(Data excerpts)
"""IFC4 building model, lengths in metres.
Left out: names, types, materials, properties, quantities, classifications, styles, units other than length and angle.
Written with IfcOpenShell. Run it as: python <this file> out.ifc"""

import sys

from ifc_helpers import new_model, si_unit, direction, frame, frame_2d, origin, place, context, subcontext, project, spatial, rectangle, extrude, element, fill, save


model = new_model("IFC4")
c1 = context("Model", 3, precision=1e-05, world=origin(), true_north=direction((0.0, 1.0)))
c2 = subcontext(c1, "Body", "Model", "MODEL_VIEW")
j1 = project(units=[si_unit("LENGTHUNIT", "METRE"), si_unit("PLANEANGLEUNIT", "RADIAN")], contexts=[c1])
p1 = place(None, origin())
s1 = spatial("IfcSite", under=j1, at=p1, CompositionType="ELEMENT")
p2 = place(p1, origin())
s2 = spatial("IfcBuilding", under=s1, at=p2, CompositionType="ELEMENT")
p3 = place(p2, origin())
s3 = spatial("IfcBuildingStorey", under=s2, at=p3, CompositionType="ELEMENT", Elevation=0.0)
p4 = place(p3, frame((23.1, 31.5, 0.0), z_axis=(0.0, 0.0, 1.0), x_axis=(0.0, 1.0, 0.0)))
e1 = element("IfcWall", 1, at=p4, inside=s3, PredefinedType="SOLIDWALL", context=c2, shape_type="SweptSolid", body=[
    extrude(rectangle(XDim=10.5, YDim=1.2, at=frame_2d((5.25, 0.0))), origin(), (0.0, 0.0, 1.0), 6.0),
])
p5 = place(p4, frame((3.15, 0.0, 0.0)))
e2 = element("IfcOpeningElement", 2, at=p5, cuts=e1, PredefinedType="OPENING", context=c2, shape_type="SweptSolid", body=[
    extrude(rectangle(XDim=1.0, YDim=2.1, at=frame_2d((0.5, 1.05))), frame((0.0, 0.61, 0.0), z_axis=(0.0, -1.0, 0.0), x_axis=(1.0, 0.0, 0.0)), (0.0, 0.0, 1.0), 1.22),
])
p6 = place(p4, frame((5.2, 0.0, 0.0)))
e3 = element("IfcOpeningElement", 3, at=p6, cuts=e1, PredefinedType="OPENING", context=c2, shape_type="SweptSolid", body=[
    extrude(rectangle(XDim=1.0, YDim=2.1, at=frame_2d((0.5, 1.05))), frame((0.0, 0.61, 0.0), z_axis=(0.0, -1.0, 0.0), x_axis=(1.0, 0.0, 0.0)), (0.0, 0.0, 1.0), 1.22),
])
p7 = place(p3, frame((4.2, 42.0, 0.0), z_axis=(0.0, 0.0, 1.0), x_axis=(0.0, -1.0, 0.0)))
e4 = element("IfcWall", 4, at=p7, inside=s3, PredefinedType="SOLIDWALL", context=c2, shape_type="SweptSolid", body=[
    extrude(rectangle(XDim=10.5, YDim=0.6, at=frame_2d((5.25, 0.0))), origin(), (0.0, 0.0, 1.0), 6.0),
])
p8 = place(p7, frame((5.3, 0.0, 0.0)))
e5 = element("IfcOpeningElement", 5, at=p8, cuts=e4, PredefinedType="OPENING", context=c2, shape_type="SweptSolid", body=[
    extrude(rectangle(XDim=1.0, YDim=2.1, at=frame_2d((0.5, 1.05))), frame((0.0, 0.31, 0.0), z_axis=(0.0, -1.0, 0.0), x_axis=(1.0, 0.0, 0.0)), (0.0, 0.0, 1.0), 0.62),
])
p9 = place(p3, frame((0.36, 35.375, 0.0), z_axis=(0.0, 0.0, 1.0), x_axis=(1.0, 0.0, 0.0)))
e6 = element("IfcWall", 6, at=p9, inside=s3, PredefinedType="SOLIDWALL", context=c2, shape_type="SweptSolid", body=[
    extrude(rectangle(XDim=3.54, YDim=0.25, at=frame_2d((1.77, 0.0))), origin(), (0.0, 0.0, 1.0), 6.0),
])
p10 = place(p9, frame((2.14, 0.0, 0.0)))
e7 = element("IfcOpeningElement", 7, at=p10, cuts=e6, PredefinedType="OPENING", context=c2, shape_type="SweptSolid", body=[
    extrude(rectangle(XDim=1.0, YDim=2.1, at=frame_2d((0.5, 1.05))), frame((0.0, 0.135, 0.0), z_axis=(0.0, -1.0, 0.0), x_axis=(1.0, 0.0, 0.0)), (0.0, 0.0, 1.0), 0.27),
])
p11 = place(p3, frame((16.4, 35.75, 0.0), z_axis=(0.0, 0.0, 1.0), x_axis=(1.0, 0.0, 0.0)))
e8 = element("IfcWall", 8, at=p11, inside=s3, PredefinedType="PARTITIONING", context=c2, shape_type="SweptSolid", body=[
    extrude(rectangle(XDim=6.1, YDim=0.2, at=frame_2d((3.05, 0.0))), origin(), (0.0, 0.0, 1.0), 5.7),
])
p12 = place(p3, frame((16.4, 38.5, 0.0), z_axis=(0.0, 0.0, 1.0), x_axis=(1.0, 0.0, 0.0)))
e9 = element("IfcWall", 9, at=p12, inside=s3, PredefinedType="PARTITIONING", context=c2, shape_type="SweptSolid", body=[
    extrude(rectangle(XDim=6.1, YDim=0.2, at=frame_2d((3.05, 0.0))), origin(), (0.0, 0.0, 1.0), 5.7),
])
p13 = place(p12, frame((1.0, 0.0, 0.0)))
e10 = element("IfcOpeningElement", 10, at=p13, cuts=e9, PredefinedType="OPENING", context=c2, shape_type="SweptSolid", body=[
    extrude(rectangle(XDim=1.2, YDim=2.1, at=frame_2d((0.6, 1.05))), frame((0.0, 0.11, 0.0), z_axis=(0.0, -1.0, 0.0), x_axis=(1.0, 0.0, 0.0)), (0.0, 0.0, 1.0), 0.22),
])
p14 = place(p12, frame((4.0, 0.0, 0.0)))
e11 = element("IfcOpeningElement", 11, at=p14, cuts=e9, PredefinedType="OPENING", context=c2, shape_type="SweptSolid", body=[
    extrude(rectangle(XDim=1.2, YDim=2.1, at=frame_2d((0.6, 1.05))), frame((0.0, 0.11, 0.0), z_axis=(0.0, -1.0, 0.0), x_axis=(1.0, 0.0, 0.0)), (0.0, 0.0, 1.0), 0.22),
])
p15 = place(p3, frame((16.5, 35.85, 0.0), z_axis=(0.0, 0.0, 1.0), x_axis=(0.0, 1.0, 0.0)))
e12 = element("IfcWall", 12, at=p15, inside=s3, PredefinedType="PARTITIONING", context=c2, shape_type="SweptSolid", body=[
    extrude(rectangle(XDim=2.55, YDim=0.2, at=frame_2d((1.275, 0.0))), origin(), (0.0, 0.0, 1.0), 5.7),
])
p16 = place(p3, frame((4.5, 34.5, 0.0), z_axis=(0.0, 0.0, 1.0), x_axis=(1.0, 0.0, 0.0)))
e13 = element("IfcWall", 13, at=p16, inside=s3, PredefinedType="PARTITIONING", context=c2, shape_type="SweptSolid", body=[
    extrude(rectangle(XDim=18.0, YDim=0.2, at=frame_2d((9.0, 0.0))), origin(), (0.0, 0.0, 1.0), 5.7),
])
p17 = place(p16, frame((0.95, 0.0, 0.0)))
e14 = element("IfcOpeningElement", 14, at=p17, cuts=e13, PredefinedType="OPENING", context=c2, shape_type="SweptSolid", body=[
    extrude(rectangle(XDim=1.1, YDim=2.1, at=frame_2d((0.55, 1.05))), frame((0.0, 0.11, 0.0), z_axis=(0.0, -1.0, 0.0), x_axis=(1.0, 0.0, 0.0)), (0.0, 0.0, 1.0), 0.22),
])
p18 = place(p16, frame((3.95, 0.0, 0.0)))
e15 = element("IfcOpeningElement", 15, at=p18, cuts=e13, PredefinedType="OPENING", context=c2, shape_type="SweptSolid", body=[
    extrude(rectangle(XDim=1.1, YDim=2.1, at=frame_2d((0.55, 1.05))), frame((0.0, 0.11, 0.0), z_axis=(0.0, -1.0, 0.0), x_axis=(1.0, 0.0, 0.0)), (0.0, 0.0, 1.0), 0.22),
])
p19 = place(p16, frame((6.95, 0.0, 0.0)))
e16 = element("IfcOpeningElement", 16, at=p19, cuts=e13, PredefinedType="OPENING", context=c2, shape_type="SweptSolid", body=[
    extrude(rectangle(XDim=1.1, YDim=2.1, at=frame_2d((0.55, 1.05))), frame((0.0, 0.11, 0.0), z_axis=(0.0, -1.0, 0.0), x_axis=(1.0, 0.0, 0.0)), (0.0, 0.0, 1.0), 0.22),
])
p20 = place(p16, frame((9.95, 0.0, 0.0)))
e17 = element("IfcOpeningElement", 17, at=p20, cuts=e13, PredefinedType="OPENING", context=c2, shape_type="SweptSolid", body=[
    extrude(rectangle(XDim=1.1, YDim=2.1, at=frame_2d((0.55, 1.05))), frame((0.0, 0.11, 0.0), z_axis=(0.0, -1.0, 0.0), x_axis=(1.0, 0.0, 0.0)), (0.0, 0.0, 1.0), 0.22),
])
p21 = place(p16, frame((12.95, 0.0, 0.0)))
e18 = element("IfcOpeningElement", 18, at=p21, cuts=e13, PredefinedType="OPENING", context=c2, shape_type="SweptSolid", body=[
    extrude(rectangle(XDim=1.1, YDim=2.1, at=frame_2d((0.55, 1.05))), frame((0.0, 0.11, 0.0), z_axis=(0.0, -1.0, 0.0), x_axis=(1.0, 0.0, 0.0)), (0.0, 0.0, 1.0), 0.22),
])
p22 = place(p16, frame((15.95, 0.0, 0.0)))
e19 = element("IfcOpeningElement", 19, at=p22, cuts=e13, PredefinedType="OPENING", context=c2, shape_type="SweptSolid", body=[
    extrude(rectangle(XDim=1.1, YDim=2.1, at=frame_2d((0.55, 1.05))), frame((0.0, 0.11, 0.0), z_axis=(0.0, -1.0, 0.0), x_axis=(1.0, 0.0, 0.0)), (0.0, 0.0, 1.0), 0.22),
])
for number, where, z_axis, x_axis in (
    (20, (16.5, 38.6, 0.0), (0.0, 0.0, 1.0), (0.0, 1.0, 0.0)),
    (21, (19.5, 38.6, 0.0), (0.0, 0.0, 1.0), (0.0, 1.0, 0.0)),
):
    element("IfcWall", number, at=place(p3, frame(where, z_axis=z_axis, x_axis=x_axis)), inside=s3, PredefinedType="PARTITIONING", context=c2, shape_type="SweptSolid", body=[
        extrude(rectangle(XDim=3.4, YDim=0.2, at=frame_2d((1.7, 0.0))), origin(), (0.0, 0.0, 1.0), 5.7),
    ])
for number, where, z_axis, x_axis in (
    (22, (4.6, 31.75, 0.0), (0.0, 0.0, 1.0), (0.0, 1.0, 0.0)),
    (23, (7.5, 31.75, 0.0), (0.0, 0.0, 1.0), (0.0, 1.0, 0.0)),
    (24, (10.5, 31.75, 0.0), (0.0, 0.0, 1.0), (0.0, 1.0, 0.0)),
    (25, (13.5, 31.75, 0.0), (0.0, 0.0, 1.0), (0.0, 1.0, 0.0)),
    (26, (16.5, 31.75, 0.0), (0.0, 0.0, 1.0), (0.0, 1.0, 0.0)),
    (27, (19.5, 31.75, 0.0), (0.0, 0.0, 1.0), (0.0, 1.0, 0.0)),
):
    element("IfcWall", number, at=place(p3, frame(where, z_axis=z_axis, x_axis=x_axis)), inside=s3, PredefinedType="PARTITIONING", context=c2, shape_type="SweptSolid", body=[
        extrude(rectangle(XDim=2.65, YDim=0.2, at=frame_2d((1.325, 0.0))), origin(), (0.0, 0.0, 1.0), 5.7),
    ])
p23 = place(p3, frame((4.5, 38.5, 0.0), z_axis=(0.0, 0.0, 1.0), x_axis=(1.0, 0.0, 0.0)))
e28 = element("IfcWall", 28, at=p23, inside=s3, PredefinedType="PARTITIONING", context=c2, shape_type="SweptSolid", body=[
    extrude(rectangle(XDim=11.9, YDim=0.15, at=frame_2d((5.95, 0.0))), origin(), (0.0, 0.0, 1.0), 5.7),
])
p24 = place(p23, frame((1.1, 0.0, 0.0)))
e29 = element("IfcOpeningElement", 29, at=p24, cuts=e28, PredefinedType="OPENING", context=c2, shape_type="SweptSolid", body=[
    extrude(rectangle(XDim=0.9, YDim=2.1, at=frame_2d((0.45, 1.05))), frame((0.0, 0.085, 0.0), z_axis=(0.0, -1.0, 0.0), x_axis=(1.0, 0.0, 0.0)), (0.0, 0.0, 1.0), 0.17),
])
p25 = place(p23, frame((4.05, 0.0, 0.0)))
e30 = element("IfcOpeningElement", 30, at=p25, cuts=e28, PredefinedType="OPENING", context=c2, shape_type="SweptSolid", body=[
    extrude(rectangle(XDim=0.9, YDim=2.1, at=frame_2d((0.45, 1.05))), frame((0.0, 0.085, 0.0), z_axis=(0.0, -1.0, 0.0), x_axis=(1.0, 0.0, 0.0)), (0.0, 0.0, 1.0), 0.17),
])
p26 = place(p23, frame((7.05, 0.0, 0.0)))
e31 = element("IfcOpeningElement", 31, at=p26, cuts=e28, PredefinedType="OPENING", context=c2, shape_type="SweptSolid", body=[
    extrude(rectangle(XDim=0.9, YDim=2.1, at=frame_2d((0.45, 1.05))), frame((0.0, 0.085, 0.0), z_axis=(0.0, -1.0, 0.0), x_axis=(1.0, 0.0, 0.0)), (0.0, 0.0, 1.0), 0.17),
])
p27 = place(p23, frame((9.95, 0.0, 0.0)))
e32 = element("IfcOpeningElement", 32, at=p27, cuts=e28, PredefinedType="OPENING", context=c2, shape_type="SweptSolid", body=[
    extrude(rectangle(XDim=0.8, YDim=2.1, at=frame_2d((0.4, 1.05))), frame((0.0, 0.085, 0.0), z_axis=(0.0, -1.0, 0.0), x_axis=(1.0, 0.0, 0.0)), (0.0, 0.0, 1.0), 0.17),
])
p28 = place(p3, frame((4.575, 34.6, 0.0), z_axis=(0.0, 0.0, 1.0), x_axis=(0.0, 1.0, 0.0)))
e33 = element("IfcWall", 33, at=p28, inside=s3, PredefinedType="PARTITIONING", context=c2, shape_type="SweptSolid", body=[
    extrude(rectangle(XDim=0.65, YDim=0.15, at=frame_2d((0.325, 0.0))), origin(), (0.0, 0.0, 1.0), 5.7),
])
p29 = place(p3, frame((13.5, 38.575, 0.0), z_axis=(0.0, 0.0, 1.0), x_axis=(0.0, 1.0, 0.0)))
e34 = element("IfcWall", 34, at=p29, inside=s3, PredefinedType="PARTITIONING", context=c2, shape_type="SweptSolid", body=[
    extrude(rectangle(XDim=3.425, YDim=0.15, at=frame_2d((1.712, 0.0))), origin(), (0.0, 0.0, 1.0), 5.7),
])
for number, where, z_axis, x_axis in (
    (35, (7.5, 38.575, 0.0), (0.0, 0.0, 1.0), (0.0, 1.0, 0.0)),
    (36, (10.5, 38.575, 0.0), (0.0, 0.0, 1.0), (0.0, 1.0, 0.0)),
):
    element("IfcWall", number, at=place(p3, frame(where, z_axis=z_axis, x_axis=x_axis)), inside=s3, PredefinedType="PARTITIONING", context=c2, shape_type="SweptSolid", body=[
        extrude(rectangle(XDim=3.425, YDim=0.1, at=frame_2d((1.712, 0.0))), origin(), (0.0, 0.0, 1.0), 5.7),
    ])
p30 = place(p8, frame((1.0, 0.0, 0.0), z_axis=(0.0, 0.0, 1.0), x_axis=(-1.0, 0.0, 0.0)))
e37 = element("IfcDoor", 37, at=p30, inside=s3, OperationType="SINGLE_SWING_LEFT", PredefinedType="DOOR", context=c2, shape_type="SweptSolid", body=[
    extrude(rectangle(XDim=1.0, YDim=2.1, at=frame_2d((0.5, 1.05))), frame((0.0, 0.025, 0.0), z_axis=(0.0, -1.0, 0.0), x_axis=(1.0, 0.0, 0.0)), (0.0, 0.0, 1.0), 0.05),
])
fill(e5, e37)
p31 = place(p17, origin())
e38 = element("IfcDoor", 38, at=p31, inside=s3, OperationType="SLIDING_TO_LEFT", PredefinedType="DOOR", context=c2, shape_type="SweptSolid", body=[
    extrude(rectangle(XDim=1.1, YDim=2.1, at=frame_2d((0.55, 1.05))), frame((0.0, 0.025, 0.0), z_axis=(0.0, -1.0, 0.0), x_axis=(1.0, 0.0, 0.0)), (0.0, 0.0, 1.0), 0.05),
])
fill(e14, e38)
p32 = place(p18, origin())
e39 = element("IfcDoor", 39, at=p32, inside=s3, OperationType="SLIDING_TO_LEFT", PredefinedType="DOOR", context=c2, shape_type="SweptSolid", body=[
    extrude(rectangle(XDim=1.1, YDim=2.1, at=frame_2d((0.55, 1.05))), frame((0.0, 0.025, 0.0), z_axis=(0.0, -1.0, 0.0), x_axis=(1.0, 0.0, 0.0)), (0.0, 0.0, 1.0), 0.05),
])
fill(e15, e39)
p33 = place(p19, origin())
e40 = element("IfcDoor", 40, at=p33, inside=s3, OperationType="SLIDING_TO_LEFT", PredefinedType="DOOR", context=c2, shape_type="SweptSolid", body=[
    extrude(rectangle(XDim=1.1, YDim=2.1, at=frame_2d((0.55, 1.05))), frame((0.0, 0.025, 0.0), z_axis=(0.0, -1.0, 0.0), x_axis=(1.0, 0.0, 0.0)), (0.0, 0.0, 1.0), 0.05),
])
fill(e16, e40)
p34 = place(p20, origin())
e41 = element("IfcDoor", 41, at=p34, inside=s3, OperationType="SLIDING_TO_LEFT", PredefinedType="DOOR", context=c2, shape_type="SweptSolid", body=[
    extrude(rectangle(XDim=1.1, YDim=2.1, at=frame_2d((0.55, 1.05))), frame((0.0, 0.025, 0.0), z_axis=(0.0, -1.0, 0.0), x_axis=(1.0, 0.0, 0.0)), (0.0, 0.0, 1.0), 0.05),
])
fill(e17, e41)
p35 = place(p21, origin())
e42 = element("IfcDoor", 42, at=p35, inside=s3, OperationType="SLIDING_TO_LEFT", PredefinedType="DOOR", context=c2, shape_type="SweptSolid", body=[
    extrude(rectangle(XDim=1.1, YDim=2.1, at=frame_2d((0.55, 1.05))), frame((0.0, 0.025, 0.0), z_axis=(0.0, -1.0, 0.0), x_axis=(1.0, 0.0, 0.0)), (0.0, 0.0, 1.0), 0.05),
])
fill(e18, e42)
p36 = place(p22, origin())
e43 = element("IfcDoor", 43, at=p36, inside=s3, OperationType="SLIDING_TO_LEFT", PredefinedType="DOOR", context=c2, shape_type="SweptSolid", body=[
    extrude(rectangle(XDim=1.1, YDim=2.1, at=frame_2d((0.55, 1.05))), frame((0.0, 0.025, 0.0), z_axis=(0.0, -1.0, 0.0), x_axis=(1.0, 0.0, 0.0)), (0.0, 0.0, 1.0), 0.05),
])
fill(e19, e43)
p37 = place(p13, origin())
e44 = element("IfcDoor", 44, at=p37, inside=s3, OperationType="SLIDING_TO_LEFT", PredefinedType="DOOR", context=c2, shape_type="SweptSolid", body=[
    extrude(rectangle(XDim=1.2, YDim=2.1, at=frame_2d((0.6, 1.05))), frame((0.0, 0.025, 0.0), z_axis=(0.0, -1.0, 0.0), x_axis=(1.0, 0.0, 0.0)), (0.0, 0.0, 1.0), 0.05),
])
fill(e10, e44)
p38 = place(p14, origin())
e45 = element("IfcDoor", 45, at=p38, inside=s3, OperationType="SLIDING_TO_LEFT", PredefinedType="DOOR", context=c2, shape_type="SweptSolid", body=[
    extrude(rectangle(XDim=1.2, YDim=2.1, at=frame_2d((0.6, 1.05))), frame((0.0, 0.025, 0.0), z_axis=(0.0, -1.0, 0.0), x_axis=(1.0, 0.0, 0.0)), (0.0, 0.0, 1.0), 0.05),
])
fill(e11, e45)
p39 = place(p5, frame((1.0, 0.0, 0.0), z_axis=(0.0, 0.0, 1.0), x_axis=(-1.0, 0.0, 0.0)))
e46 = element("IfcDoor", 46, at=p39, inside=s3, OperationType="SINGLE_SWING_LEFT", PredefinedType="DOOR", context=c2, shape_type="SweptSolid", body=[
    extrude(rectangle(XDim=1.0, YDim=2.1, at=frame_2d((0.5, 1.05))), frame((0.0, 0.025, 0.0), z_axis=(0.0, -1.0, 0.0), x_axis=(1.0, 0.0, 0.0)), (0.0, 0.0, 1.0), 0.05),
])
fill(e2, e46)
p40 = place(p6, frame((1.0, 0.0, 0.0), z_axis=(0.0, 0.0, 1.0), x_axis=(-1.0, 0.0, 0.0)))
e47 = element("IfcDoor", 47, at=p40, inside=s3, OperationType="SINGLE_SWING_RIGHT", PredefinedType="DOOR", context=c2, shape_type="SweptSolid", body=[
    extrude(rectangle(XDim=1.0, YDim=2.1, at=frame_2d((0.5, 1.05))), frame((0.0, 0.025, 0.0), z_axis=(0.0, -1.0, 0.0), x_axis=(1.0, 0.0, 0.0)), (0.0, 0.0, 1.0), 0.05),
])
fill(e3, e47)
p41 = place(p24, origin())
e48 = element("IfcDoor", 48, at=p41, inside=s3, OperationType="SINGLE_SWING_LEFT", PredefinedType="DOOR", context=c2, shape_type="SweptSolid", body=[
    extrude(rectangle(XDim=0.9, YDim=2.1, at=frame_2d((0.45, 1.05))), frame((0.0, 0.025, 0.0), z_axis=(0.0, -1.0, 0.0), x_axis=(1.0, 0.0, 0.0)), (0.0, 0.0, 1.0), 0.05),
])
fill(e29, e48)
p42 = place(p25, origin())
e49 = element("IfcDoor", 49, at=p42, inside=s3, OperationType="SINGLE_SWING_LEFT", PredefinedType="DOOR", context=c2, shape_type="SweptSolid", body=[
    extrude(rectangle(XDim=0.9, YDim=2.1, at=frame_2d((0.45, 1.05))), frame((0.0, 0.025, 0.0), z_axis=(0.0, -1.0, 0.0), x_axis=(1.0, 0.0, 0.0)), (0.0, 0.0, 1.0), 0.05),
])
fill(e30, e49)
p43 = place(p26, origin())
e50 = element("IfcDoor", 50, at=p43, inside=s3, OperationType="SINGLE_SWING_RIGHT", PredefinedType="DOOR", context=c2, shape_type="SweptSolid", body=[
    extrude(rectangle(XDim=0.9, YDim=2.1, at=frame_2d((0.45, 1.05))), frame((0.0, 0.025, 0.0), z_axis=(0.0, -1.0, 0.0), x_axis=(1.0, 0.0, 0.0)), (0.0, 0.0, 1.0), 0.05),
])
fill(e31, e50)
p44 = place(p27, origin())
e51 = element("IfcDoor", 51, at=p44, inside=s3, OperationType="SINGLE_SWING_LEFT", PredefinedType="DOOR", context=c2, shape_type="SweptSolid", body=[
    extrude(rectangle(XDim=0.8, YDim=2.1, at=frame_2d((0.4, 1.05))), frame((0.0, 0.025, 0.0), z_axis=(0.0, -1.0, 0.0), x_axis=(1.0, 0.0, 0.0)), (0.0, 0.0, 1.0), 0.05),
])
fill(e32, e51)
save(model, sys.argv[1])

▶ [How to complete this task]
Scan the records above and report every line with the string "under".

▶ [Response area]
s1 = spatial("IfcSite", under=j1, at=p1, CompositionType="ELEMENT")
s2 = spatial("IfcBuilding", under=s1, at=p2, CompositionType="ELEMENT")
s3 = spatial("IfcBuildingStorey", under=s2, at=p3, CompositionType="ELEMENT", Elevation=0.0)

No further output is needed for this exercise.